- TASK DETAILS
Whenever the word "SOLIDWALL" shows up in a line of the data, copy that line.

#### INPUT MATERIAL ####

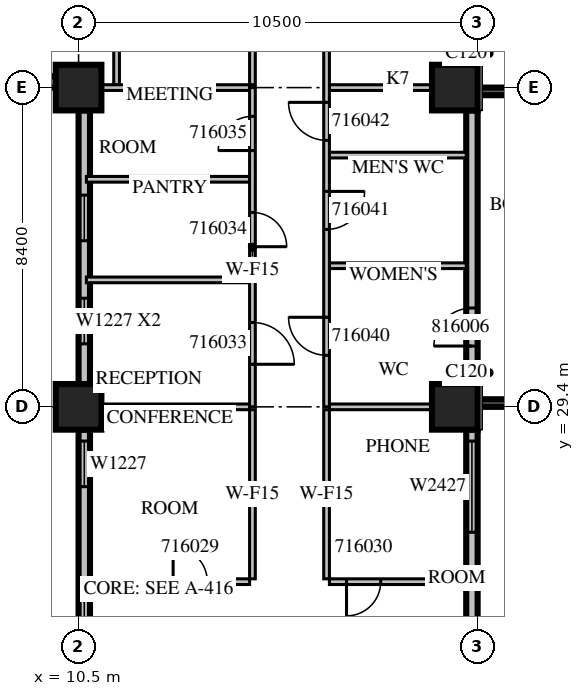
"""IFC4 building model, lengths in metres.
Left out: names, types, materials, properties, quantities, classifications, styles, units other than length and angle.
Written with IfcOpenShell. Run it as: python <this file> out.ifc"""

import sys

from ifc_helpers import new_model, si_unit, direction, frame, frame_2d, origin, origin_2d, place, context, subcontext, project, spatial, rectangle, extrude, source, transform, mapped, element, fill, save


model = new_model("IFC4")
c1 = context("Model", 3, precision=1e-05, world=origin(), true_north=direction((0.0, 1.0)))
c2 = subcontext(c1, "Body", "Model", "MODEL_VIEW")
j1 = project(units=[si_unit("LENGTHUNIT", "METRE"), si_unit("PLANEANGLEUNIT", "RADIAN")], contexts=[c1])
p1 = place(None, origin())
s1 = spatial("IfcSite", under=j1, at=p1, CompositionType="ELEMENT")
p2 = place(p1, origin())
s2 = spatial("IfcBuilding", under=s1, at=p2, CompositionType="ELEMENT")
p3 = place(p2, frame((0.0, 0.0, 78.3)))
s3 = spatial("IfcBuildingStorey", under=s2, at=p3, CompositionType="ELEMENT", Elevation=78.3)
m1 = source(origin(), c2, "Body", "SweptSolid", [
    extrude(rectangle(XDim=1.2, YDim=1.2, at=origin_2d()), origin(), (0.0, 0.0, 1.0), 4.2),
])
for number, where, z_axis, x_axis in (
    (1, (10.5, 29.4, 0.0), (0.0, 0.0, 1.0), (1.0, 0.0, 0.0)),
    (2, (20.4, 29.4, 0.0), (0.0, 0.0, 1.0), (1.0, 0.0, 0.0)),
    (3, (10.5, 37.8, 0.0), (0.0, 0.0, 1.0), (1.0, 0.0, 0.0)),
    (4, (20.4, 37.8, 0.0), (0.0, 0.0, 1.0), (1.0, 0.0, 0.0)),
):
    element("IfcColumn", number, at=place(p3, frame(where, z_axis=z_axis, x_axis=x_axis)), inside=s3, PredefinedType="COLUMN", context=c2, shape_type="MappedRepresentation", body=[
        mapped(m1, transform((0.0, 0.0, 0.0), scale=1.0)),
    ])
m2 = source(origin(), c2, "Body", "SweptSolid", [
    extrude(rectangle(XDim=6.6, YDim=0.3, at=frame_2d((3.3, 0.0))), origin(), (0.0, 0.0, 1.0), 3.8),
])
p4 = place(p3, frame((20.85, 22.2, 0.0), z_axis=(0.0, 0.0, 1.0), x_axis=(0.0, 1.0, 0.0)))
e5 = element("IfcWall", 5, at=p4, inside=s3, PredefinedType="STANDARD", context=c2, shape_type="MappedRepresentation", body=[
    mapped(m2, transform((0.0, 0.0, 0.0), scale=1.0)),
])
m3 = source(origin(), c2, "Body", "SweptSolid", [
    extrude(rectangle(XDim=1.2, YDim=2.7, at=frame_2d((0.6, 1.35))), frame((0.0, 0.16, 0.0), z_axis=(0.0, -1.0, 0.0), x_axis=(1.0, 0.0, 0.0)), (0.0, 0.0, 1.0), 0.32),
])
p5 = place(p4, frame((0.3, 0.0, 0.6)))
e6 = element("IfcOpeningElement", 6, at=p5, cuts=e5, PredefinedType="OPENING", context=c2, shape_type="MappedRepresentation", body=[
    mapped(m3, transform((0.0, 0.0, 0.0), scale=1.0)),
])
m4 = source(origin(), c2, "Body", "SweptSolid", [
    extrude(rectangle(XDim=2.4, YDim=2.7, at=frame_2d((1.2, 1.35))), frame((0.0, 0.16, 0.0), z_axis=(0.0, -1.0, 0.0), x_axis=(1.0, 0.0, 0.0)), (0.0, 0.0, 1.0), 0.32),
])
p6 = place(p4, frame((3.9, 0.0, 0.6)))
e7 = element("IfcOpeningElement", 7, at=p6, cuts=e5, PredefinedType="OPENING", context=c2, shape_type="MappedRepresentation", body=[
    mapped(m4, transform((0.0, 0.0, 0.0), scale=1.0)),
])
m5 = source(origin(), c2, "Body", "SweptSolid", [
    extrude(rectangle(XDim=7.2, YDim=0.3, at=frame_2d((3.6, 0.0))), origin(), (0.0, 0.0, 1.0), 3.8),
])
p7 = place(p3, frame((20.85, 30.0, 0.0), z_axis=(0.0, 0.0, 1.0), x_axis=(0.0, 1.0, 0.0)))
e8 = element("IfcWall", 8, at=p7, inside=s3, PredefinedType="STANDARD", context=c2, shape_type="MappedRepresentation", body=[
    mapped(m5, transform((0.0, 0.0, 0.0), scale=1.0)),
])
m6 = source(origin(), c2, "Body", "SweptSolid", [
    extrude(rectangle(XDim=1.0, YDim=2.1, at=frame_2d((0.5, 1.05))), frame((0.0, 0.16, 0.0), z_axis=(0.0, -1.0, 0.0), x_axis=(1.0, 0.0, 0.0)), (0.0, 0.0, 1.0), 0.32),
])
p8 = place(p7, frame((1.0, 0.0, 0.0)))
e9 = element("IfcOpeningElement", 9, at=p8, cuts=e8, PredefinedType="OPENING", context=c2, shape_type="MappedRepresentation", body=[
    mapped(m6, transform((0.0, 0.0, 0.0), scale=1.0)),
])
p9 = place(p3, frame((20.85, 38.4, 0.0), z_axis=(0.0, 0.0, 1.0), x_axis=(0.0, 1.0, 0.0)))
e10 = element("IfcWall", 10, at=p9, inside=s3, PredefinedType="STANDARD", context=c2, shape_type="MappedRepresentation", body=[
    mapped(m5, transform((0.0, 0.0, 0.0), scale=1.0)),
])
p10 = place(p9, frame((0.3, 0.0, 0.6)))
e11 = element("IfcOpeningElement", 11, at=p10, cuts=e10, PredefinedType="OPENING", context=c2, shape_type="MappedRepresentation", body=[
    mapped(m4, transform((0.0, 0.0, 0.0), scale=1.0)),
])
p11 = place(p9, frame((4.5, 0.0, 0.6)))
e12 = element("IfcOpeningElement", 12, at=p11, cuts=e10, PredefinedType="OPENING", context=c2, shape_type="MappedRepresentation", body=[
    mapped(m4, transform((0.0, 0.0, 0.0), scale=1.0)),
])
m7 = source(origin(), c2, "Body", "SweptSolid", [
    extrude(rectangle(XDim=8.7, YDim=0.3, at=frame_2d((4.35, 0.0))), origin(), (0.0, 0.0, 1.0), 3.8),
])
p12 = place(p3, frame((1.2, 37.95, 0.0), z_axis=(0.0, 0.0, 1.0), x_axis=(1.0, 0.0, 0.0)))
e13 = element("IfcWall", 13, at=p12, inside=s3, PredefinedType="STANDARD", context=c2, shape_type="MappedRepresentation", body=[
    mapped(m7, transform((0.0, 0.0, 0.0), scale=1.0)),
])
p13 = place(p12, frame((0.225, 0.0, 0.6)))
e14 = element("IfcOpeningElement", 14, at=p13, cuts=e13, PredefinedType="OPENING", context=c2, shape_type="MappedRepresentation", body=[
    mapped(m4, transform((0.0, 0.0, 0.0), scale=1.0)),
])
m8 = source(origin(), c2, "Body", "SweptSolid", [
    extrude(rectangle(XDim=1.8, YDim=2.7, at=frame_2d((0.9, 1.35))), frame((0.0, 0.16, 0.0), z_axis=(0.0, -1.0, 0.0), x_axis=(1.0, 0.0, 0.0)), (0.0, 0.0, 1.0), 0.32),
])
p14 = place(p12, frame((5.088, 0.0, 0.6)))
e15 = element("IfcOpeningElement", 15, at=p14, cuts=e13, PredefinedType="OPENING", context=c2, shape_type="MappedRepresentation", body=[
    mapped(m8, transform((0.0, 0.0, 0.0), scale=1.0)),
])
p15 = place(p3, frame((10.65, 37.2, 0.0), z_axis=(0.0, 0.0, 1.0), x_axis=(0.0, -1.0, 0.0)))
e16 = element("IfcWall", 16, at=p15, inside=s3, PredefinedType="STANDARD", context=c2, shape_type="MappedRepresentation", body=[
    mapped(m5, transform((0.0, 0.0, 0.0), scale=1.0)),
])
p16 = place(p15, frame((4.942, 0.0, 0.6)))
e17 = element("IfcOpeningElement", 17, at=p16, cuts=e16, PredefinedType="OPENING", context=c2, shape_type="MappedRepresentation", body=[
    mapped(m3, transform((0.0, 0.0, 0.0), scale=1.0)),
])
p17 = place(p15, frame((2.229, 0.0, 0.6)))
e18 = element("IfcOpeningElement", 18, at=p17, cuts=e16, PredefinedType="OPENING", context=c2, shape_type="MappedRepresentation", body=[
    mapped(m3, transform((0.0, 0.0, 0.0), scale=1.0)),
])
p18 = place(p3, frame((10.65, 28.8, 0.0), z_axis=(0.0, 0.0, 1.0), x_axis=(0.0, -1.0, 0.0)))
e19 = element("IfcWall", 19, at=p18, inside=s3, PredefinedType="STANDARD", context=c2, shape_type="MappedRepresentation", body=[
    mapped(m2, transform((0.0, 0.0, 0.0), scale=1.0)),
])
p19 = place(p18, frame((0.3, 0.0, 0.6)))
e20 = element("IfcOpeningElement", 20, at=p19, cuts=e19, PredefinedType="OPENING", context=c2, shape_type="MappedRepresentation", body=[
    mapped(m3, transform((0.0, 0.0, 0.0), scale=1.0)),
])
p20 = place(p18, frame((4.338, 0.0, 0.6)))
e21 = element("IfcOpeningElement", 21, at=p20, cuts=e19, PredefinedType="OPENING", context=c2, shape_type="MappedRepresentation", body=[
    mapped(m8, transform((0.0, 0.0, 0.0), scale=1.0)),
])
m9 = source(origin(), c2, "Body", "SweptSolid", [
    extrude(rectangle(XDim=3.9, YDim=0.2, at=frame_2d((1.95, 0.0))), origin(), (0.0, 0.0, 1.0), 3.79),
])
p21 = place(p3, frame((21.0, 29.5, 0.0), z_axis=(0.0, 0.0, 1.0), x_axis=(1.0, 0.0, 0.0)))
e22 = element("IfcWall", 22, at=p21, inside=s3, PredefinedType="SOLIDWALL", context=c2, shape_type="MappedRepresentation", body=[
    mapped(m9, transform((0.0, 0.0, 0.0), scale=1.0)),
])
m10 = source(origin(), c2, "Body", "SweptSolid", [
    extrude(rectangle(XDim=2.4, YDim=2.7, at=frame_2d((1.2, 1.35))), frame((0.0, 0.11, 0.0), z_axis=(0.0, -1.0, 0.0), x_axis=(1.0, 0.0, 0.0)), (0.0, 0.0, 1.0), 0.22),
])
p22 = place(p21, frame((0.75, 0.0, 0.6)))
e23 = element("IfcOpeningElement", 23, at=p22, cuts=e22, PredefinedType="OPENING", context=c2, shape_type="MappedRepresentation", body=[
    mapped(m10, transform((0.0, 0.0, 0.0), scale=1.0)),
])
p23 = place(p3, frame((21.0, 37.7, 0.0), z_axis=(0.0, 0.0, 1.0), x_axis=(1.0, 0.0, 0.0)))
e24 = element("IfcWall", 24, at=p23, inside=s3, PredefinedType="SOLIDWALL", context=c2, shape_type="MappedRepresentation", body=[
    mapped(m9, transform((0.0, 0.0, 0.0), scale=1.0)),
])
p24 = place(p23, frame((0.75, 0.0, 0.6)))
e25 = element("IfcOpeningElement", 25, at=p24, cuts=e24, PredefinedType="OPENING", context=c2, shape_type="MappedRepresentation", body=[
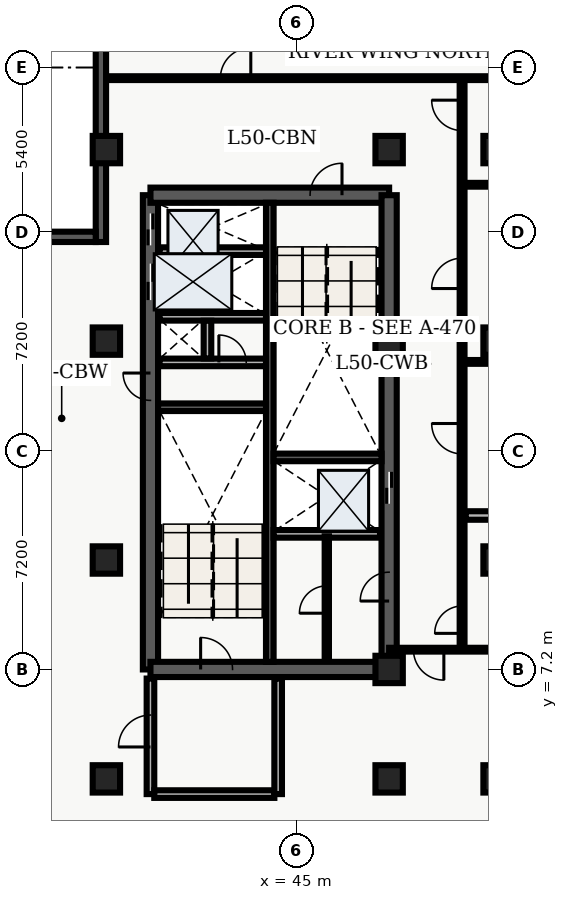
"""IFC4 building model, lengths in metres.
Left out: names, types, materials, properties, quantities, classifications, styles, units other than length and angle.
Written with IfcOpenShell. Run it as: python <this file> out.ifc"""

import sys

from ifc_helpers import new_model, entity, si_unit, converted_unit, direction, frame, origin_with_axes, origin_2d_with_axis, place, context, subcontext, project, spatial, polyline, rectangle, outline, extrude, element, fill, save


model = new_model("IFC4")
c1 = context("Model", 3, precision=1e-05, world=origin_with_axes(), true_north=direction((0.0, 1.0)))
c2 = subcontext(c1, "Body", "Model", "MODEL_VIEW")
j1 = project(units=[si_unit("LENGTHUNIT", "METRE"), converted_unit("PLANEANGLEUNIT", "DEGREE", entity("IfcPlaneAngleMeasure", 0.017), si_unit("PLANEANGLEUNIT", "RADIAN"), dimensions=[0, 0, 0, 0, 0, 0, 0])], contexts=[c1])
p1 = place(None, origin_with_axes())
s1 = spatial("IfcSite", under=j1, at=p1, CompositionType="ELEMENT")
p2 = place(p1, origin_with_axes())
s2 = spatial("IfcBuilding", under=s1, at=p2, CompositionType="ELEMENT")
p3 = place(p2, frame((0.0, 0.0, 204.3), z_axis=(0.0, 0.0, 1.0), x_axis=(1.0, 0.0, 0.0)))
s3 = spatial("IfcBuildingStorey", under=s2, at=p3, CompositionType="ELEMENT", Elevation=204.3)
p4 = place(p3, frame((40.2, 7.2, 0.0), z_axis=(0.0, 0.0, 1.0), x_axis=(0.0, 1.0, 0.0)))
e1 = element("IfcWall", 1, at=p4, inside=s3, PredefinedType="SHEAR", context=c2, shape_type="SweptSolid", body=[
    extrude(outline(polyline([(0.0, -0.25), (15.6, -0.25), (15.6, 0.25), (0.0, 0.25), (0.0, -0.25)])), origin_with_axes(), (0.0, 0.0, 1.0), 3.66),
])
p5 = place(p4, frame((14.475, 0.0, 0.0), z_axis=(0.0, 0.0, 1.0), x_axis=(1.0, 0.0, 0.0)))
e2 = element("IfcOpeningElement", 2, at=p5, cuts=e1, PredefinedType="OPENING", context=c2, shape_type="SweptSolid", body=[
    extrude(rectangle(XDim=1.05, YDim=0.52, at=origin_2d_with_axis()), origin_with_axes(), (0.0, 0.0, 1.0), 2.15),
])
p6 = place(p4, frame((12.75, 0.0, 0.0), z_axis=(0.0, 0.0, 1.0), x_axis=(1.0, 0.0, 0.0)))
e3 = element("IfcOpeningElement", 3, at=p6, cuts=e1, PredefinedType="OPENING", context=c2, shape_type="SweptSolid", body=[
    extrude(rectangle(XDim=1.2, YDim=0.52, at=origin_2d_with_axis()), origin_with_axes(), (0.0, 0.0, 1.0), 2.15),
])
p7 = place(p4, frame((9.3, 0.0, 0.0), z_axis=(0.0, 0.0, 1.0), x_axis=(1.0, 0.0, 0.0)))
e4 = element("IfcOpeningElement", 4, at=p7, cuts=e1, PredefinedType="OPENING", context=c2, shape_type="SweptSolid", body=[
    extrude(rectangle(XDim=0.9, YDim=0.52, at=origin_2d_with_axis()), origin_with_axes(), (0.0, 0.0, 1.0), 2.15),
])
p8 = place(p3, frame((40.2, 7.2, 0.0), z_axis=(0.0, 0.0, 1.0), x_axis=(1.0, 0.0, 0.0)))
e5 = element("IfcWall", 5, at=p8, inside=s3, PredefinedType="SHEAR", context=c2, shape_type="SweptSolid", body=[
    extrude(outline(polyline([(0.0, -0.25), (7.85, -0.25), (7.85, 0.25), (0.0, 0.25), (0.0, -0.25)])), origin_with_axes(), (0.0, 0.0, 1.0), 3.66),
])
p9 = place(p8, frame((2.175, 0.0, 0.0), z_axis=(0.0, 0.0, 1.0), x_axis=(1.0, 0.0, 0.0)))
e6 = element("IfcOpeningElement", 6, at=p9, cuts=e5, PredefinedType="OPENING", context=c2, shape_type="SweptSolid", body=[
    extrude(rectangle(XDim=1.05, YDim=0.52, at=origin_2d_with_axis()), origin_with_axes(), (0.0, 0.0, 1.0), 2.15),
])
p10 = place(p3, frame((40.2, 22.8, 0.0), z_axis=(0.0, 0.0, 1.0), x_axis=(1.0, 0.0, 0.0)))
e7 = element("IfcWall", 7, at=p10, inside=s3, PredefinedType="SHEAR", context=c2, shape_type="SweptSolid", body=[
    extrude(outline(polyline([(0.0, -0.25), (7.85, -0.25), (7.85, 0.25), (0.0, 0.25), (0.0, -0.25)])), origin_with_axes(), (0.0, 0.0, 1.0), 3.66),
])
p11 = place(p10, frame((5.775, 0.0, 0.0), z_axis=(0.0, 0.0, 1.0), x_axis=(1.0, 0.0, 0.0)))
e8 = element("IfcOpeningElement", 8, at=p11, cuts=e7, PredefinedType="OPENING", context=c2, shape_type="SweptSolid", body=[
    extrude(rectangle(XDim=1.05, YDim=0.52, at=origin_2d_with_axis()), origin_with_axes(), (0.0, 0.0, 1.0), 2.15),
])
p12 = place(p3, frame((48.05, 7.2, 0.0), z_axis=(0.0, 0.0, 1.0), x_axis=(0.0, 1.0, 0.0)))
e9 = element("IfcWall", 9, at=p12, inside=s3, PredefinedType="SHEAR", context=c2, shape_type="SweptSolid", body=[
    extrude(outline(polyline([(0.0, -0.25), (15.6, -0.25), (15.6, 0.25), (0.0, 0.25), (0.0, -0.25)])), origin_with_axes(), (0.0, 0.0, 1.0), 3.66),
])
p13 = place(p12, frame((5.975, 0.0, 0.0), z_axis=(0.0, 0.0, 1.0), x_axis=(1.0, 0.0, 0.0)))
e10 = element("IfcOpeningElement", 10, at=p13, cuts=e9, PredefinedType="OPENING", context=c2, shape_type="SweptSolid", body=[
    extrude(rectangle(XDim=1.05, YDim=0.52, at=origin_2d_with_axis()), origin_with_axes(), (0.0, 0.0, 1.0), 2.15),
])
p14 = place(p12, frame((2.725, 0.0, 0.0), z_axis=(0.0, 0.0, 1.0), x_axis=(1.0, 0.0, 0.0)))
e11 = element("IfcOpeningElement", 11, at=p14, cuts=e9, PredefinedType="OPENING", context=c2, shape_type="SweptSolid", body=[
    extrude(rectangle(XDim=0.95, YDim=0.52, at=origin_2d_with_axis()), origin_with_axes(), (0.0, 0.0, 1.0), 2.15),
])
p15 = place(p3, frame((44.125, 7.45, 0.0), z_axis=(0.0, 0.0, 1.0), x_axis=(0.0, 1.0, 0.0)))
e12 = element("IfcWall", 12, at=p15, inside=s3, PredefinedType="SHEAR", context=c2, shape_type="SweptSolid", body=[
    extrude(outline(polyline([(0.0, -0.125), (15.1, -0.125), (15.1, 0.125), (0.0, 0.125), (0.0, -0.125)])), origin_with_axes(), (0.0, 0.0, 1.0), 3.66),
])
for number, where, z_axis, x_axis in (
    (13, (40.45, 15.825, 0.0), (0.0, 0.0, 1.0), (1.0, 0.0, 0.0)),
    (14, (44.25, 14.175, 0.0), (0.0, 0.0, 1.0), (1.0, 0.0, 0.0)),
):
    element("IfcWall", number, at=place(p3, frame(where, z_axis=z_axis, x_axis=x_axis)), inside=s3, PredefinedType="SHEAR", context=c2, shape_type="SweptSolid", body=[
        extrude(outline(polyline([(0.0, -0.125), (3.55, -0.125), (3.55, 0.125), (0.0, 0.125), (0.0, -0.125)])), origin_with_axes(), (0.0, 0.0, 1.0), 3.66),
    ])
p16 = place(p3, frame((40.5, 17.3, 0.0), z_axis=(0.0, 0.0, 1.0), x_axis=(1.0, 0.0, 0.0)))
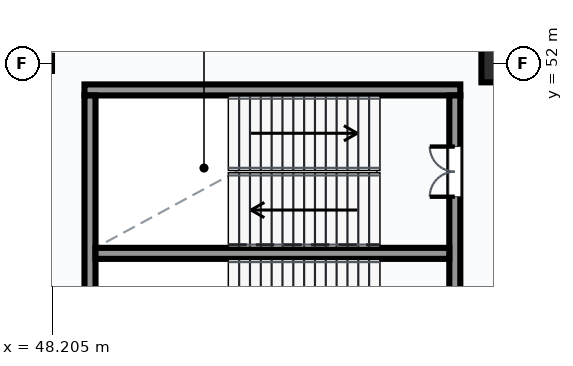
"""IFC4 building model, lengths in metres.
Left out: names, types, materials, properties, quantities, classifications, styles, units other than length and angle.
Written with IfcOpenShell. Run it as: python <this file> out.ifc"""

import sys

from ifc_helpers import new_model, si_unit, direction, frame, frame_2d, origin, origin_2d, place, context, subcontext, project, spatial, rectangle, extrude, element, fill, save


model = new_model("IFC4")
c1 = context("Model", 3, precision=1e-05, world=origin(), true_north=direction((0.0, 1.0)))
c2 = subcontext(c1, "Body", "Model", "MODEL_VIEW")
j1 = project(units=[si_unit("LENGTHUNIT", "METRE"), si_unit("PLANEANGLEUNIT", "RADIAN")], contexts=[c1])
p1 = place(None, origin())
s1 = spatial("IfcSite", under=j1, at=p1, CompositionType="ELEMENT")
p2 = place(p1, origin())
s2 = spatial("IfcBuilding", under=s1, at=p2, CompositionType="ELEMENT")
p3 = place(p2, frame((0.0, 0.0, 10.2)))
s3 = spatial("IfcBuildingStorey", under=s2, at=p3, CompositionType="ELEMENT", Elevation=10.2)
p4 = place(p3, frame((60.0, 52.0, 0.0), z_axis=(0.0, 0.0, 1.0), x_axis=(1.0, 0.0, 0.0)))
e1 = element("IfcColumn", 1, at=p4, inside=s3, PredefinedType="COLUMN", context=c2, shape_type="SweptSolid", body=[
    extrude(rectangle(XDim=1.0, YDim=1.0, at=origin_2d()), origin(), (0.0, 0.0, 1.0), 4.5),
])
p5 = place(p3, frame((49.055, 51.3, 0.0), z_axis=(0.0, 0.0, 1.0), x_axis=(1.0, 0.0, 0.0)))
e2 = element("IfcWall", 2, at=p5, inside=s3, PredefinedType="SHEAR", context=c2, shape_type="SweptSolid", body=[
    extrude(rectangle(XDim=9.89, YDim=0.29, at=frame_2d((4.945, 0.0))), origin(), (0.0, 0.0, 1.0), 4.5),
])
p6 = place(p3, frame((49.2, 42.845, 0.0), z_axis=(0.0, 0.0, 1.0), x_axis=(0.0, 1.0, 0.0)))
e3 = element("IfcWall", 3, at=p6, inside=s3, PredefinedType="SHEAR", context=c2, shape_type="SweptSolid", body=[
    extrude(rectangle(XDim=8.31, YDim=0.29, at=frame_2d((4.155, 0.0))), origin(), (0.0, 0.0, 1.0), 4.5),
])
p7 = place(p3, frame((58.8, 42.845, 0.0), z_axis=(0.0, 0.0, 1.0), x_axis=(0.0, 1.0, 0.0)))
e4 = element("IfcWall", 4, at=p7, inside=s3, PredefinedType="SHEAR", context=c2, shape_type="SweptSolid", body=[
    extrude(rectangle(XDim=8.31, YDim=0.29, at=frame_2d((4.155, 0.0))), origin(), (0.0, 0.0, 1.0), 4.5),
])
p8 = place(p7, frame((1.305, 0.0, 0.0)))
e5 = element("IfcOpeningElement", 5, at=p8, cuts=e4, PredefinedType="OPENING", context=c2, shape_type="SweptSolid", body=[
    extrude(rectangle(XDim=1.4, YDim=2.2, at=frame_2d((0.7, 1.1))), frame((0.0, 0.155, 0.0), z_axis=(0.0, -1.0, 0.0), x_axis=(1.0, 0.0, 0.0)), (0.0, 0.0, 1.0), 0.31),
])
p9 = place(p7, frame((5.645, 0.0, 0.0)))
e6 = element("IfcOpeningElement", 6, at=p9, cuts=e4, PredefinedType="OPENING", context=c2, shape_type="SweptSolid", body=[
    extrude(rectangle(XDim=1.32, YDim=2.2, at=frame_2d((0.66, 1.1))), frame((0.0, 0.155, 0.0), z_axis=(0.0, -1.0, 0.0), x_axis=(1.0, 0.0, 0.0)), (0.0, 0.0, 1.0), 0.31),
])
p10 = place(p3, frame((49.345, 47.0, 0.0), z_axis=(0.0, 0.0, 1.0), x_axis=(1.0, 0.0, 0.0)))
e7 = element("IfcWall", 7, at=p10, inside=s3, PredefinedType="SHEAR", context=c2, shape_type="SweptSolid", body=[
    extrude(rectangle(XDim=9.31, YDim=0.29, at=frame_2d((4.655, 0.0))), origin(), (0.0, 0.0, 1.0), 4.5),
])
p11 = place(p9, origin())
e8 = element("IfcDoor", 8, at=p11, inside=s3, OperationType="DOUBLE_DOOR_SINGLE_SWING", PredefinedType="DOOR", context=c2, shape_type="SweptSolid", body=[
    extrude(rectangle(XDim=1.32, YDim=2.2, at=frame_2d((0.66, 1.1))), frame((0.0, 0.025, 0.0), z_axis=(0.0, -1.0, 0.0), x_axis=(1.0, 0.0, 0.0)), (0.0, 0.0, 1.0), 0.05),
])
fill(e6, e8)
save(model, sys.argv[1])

####

- TASK ANSWER
e22 = element("IfcWall", 22, at=p21, inside=s3, PredefinedType="SOLIDWALL", context=c2, shape_type="MappedRepresentation", body=[
e24 = element("IfcWall", 24, at=p23, inside=s3, PredefinedType="SOLIDWALL", context=c2, shape_type="MappedRepresentation", body=[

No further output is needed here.